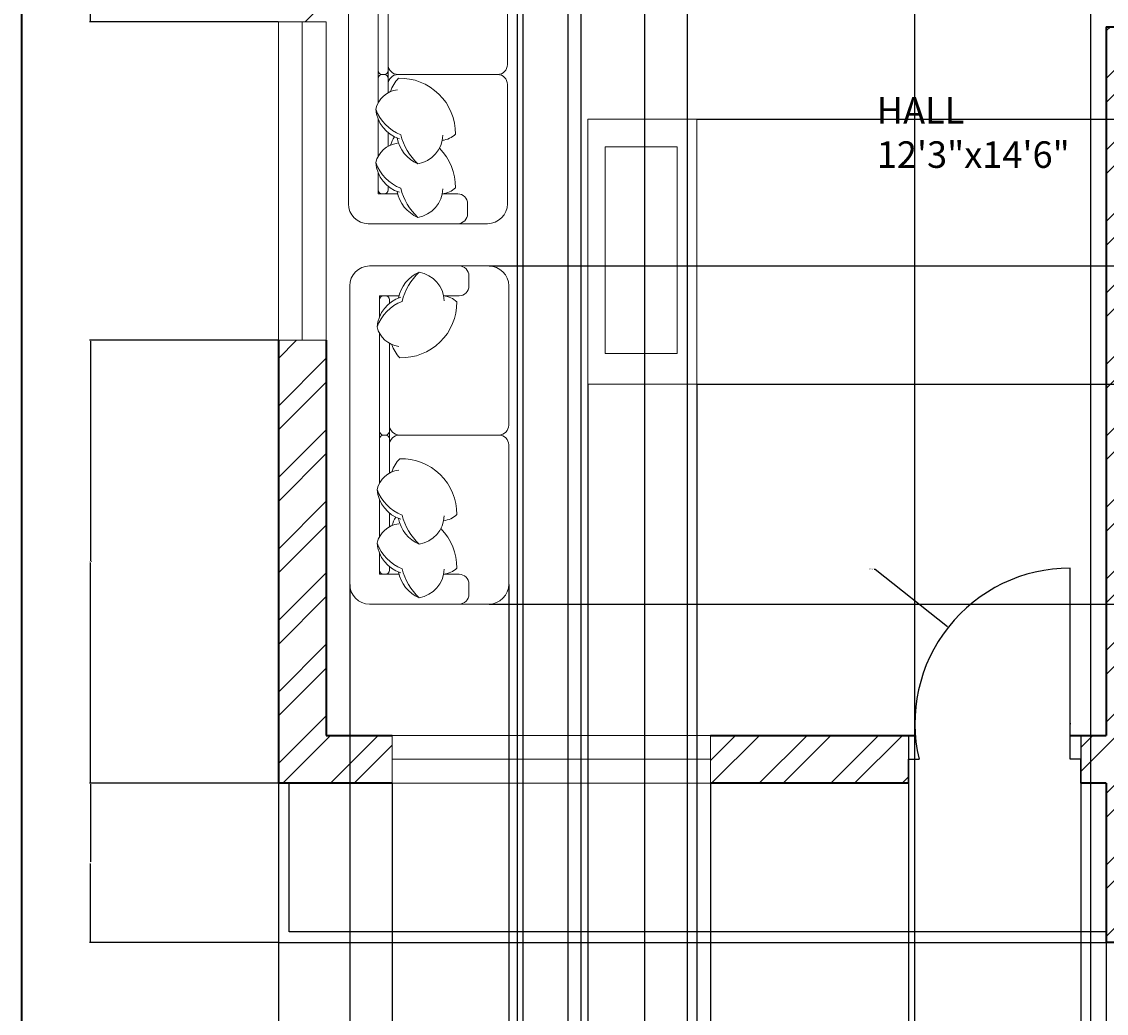
# Model space of a CAD drawing. Units: inches. Extents: x 2529 to 3014, y 1203 to 2262.
# Tile 2 of 13: x 2529 to 2733, y 1560 to 1747. Entities that reach past the tile are written whole.
import ezdxf

# ---------------------------------------------------------------- set-up
doc = ezdxf.new("R2010")
doc.units = ezdxf.units.IN
for name, color, linetype, lineweight in [('A-ANNO-DIMS', 2, 'Continuous', 18), ('A-ANNO-TTLB', 7, 'Continuous', 35), ('A-AREA-IDEN', 7, 'Continuous', 18), ('A-DOOR', 21, 'Continuous', 25), ('A-FLOR-RAIL', 61, 'Continuous', 25), ('A-FURN', 8, 'Continuous', 18), ('A-GLAZ', 191, 'Continuous', 18), ('A-WALL', 7, 'Continuous', 35), ('A-WALL-PATT', 143, 'Continuous', 13)]:
    doc.layers.add(name, color=color, linetype=linetype, lineweight=lineweight)
doc.styles.get("Standard").update_dxf_attribs({"font": 'arial.ttf'})
doc.dimstyles.get("Standard").update_dxf_attribs({"dimtxt": 0.18, "dimasz": 0.18, "dimexe": 0.18, "dimexo": 0.0625, "dimgap": 0.09, "dimtad": 0, "dimtih": 1, "dimtoh": 1, "dimdec": 4, "dimzin": 0, "dimdsep": 46, "dimtxsty": 'Standard', "dimcen": 0.09, "dimadec": 0, "dimazin": 0, "dimtfac": 1, "dimtdec": 4, "dimtofl": 0, "dimtmove": 0, "dimatfit": 3, "dimfxl": 1, "dimtolj": 1, "dimtzin": 0, "dimarcsym": 0})

# ---------------------------------------------------------------- blocks, each defined once
blk = doc.blocks.new('WIN-60x9')
for p, q in [((0, 60), (9, 60)), ((0, 60), (0, 0)), ((9, 60), (4.5, 60)), ((4.5, 60), (4.5, 0)), ((9, 60), (9, 0)), ((4.5, 0), (0, 0)), ((0, 0), (9, 0))]:
    blk.add_line(p, q)
blk = doc.blocks.new('*D18')
at = {"layer": 'A-ANNO-DIMS', "color": 0, "lineweight": -2, "transparency": 16777216}
for p, q in [((2577.06, 1573.44), (2577.06, 1483.77)), ((2733.06, 1573.44), (2733.06, 1483.77)), ((2577.24, 1483.95), (2654.78, 1483.95)), ((2732.88, 1483.95), (2655.34, 1483.95))]:
    blk.add_line(p, q, dxfattribs=at)
at = {"layer": 'A-ANNO-DIMS', "color": 0, "transparency": 16777216}
for points in [[(2577.24, 1483.98), (2577.24, 1483.92), (2577.06, 1483.95)], [(2732.88, 1483.98), (2732.88, 1483.92), (2733.06, 1483.95)]]:
    blk.add_solid(points, dxfattribs=at)
at = {"layer": 'Defpoints', "color": 0, "transparency": 16777216}
for p in [(2577.06, 1573.5), (2733.06, 1573.5), (2733.06, 1483.95)]:
    blk.add_point(p, dxfattribs=at)
at = {"layer": 'A-ANNO-DIMS', "color": 0, "transparency": 16777216, "insert": (2655.06, 1483.95), "char_height": 0.18, "attachment_point": 5}
blk.add_mtext('\\A1;156', dxfattribs=at)
blk = doc.blocks.new('*D19')
at = {"layer": 'A-ANNO-DIMS', "color": 0, "lineweight": -2, "transparency": 16777216}
for p, q in [((2839.56, 1582.44), (2839.56, 1483.77)), ((2733.06, 1573.44), (2733.06, 1483.77)), ((2733.24, 1483.95), (2785.92, 1483.95)), ((2839.38, 1483.95), (2786.69, 1483.95))]:
    blk.add_line(p, q, dxfattribs=at)
at = {"layer": 'A-ANNO-DIMS', "color": 0, "transparency": 16777216}
for points in [[(2733.24, 1483.98), (2733.24, 1483.92), (2733.06, 1483.95)], [(2839.38, 1483.98), (2839.38, 1483.92), (2839.56, 1483.95)]]:
    blk.add_solid(points, dxfattribs=at)
at = {"layer": 'Defpoints', "color": 0, "transparency": 16777216}
for p in [(2839.56, 1582.5), (2733.06, 1573.5), (2839.56, 1483.95)]:
    blk.add_point(p, dxfattribs=at)
at = {"layer": 'A-ANNO-DIMS', "color": 0, "transparency": 16777216, "insert": (2786.31, 1483.95), "char_height": 0.18, "attachment_point": 5}
blk.add_mtext('\\A1;106.5', dxfattribs=at)
blk = doc.blocks.new('*D21')
at = {"layer": 'A-ANNO-DIMS', "color": 0, "lineweight": -2, "transparency": 16777216}
for p, q in [((2576.99, 1603.5), (2541.45, 1603.5)), ((2541.63, 1603.32), (2541.63, 1588.69)), ((2541.63, 1573.68), (2541.63, 1588.32)), ((2576.99, 1573.5), (2541.45, 1573.5))]:
    blk.add_line(p, q, dxfattribs=at)
at = {"layer": 'A-ANNO-DIMS', "color": 0, "transparency": 16777216}
for points in [[(2541.6, 1603.32), (2541.66, 1603.32), (2541.63, 1603.5)], [(2541.6, 1573.68), (2541.66, 1573.68), (2541.63, 1573.5)]]:
    blk.add_solid(points, dxfattribs=at)
at = {"layer": 'Defpoints', "color": 0, "transparency": 16777216}
for p in [(2541.63, 1603.5), (2577.06, 1603.5), (2577.06, 1573.5)]:
    blk.add_point(p, dxfattribs=at)
at = {"layer": 'A-ANNO-DIMS', "color": 0, "transparency": 16777216, "insert": (2541.63, 1588.5), "char_height": 0.18, "attachment_point": 5}
blk.add_mtext('\\A1;30', dxfattribs=at)
blk = doc.blocks.new('*D22')
at = {"layer": 'A-ANNO-DIMS', "color": 0, "lineweight": -2, "transparency": 16777216}
for p, q in [((2576.99, 1686.95), (2541.45, 1686.95)), ((2541.63, 1686.77), (2541.63, 1645.41)), ((2541.63, 1603.68), (2541.63, 1645.04)), ((2576.99, 1603.5), (2541.45, 1603.5))]:
    blk.add_line(p, q, dxfattribs=at)
at = {"layer": 'A-ANNO-DIMS', "color": 0, "transparency": 16777216}
for points in [[(2541.6, 1686.77), (2541.66, 1686.77), (2541.63, 1686.95)], [(2541.6, 1603.68), (2541.66, 1603.68), (2541.63, 1603.5)]]:
    blk.add_solid(points, dxfattribs=at)
at = {"layer": 'Defpoints', "color": 0, "transparency": 16777216}
for p in [(2541.63, 1686.95), (2577.06, 1686.95), (2577.06, 1603.5)]:
    blk.add_point(p, dxfattribs=at)
at = {"layer": 'A-ANNO-DIMS', "color": 0, "transparency": 16777216, "insert": (2541.63, 1645.23), "char_height": 0.18, "attachment_point": 5}
blk.add_mtext('\\A1;83.45', dxfattribs=at)
blk = doc.blocks.new('*D23')
at = {"layer": 'A-ANNO-DIMS', "color": 0, "lineweight": -2, "transparency": 16777216}
for p, q in [((2585.99, 1791), (2541.45, 1791)), ((2541.63, 1790.82), (2541.63, 1769.16)), ((2541.63, 1747.13), (2541.63, 1768.79)), ((2576.99, 1746.95), (2541.45, 1746.95))]:
    blk.add_line(p, q, dxfattribs=at)
at = {"layer": 'A-ANNO-DIMS', "color": 0, "transparency": 16777216}
for points in [[(2541.6, 1790.82), (2541.66, 1790.82), (2541.63, 1791)], [(2541.6, 1747.13), (2541.66, 1747.13), (2541.63, 1746.95)]]:
    blk.add_solid(points, dxfattribs=at)
at = {"layer": 'Defpoints', "color": 0, "transparency": 16777216}
for p in [(2541.63, 1791), (2586.06, 1791), (2577.06, 1746.95)]:
    blk.add_point(p, dxfattribs=at)
at = {"layer": 'A-ANNO-DIMS', "color": 0, "transparency": 16777216, "insert": (2541.63, 1768.98), "char_height": 0.18, "attachment_point": 5}
blk.add_mtext('\\A1;44.055', dxfattribs=at)
blk = doc.blocks.new('*D33')
at = {"layer": 'A-ANNO-DIMS', "color": 0, "lineweight": -2, "transparency": 16777216}
for p, q in [((2577.06, 1603.44), (2577.06, 1483.77)), ((2598.48, 1603.44), (2598.48, 1483.77)), ((2577.24, 1483.95), (2587.37, 1483.95)), ((2598.3, 1483.95), (2588.16, 1483.95))]:
    blk.add_line(p, q, dxfattribs=at)
at = {"layer": 'A-ANNO-DIMS', "color": 0, "transparency": 16777216}
for points in [[(2577.24, 1483.98), (2577.24, 1483.92), (2577.06, 1483.95)], [(2598.3, 1483.98), (2598.3, 1483.92), (2598.48, 1483.95)]]:
    blk.add_solid(points, dxfattribs=at)
at = {"layer": 'Defpoints', "color": 0, "transparency": 16777216}
for p in [(2577.06, 1603.5), (2598.48, 1603.5), (2598.48, 1483.95)]:
    blk.add_point(p, dxfattribs=at)
at = {"layer": 'A-ANNO-DIMS', "color": 0, "transparency": 16777216, "insert": (2587.77, 1483.95), "char_height": 0.18, "attachment_point": 5}
blk.add_mtext('\\A1;21.42', dxfattribs=at)
blk = doc.blocks.new('*D34')
at = {"layer": 'A-ANNO-DIMS', "color": 0, "lineweight": -2, "transparency": 16777216}
for p, q in [((2658.48, 1603.44), (2658.48, 1483.77)), ((2695.77, 1603.44), (2695.77, 1483.77)), ((2658.66, 1483.95), (2676.73, 1483.95)), ((2695.59, 1483.95), (2677.52, 1483.95))]:
    blk.add_line(p, q, dxfattribs=at)
at = {"layer": 'A-ANNO-DIMS', "color": 0, "transparency": 16777216}
for points in [[(2658.66, 1483.98), (2658.66, 1483.92), (2658.48, 1483.95)], [(2695.59, 1483.98), (2695.59, 1483.92), (2695.77, 1483.95)]]:
    blk.add_solid(points, dxfattribs=at)
at = {"layer": 'Defpoints', "color": 0, "transparency": 16777216}
for p in [(2658.48, 1603.5), (2695.77, 1603.5), (2695.77, 1483.95)]:
    blk.add_point(p, dxfattribs=at)
at = {"layer": 'A-ANNO-DIMS', "color": 0, "transparency": 16777216, "insert": (2677.12, 1483.95), "char_height": 0.18, "attachment_point": 5}
blk.add_mtext('\\A1;37.29', dxfattribs=at)
blk = doc.blocks.new('*D35')
at = {"layer": 'A-ANNO-DIMS', "color": 0, "lineweight": -2, "transparency": 16777216}
for p, q in [((2695.77, 1603.44), (2695.77, 1483.77)), ((2728.25, 1603.44), (2728.25, 1483.77)), ((2695.95, 1483.95), (2711.61, 1483.95)), ((2728.07, 1483.95), (2712.4, 1483.95))]:
    blk.add_line(p, q, dxfattribs=at)
at = {"layer": 'A-ANNO-DIMS', "color": 0, "transparency": 16777216}
for points in [[(2695.95, 1483.98), (2695.95, 1483.92), (2695.77, 1483.95)], [(2728.07, 1483.98), (2728.07, 1483.92), (2728.25, 1483.95)]]:
    blk.add_solid(points, dxfattribs=at)
at = {"layer": 'Defpoints', "color": 0, "transparency": 16777216}
for p in [(2695.77, 1603.5), (2728.25, 1603.5), (2728.25, 1483.95)]:
    blk.add_point(p, dxfattribs=at)
at = {"layer": 'A-ANNO-DIMS', "color": 0, "transparency": 16777216, "insert": (2712.01, 1483.95), "char_height": 0.18, "attachment_point": 5}
blk.add_mtext('\\A1;32.48', dxfattribs=at)
blk = doc.blocks.new('*D42')
at = {"layer": 'A-ANNO-DIMS', "color": 0, "lineweight": -2, "transparency": 16777216}
for p, q in [((2590.48, 1640.92), (2590.48, 1483.77)), ((2620.46, 1640.92), (2620.46, 1483.77)), ((2590.66, 1483.95), (2605.07, 1483.95)), ((2620.28, 1483.95), (2605.86, 1483.95))]:
    blk.add_line(p, q, dxfattribs=at)
at = {"layer": 'A-ANNO-DIMS', "color": 0, "transparency": 16777216}
for points in [[(2590.66, 1483.98), (2590.66, 1483.92), (2590.48, 1483.95)], [(2620.28, 1483.98), (2620.28, 1483.92), (2620.46, 1483.95)]]:
    blk.add_solid(points, dxfattribs=at)
at = {"layer": 'Defpoints', "color": 0, "transparency": 16777216}
for p in [(2590.48, 1640.98), (2620.46, 1640.98), (2620.46, 1483.95)]:
    blk.add_point(p, dxfattribs=at)
at = {"layer": 'A-ANNO-DIMS', "color": 0, "transparency": 16777216, "insert": (2605.47, 1483.95), "char_height": 0.18, "attachment_point": 5}
blk.add_mtext('\\A1;29.98', dxfattribs=at)
blk = doc.blocks.new('*D43')
at = {"layer": 'A-ANNO-DIMS', "color": 0, "lineweight": -2, "transparency": 16777216}
for p, q in [((2616.77, 1700.93), (3007.66, 1700.93)), ((3007.48, 1700.75), (3007.48, 1669.26)), ((3007.48, 1637.41), (3007.48, 1668.9)), ((2616.77, 1637.23), (3007.66, 1637.23))]:
    blk.add_line(p, q, dxfattribs=at)
at = {"layer": 'A-ANNO-DIMS', "color": 0, "transparency": 16777216}
for points in [[(3007.45, 1700.75), (3007.51, 1700.75), (3007.48, 1700.93)], [(3007.45, 1637.41), (3007.51, 1637.41), (3007.48, 1637.23)]]:
    blk.add_solid(points, dxfattribs=at)
at = {"layer": 'Defpoints', "color": 0, "transparency": 16777216}
for p in [(2616.71, 1700.93), (3007.48, 1700.93), (2616.71, 1637.23)]:
    blk.add_point(p, dxfattribs=at)
at = {"layer": 'A-ANNO-DIMS', "color": 0, "transparency": 16777216, "insert": (3007.48, 1669.08), "char_height": 0.18, "attachment_point": 5}
blk.add_mtext('\\A1;63.7', dxfattribs=at)
blk = doc.blocks.new('*D44')
at = {"layer": 'A-ANNO-DIMS', "color": 0, "lineweight": -2, "transparency": 16777216}
for p, q in [((2635.37, 1678.62), (2635.37, 1483.77)), ((2655.89, 1678.62), (2655.89, 1483.77)), ((2635.55, 1483.95), (2645.17, 1483.95)), ((2655.71, 1483.95), (2646.1, 1483.95))]:
    blk.add_line(p, q, dxfattribs=at)
at = {"layer": 'A-ANNO-DIMS', "color": 0, "transparency": 16777216}
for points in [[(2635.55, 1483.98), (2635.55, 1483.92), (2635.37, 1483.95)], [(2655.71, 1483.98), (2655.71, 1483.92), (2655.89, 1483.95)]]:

> [WHAT TO WORK ON]
Search the data above for "ezdxf" and copy every line where it turns up.

> [EXERCISE SOLUTION]
import ezdxf
doc = ezdxf.new("R2010")
doc.units = ezdxf.units.IN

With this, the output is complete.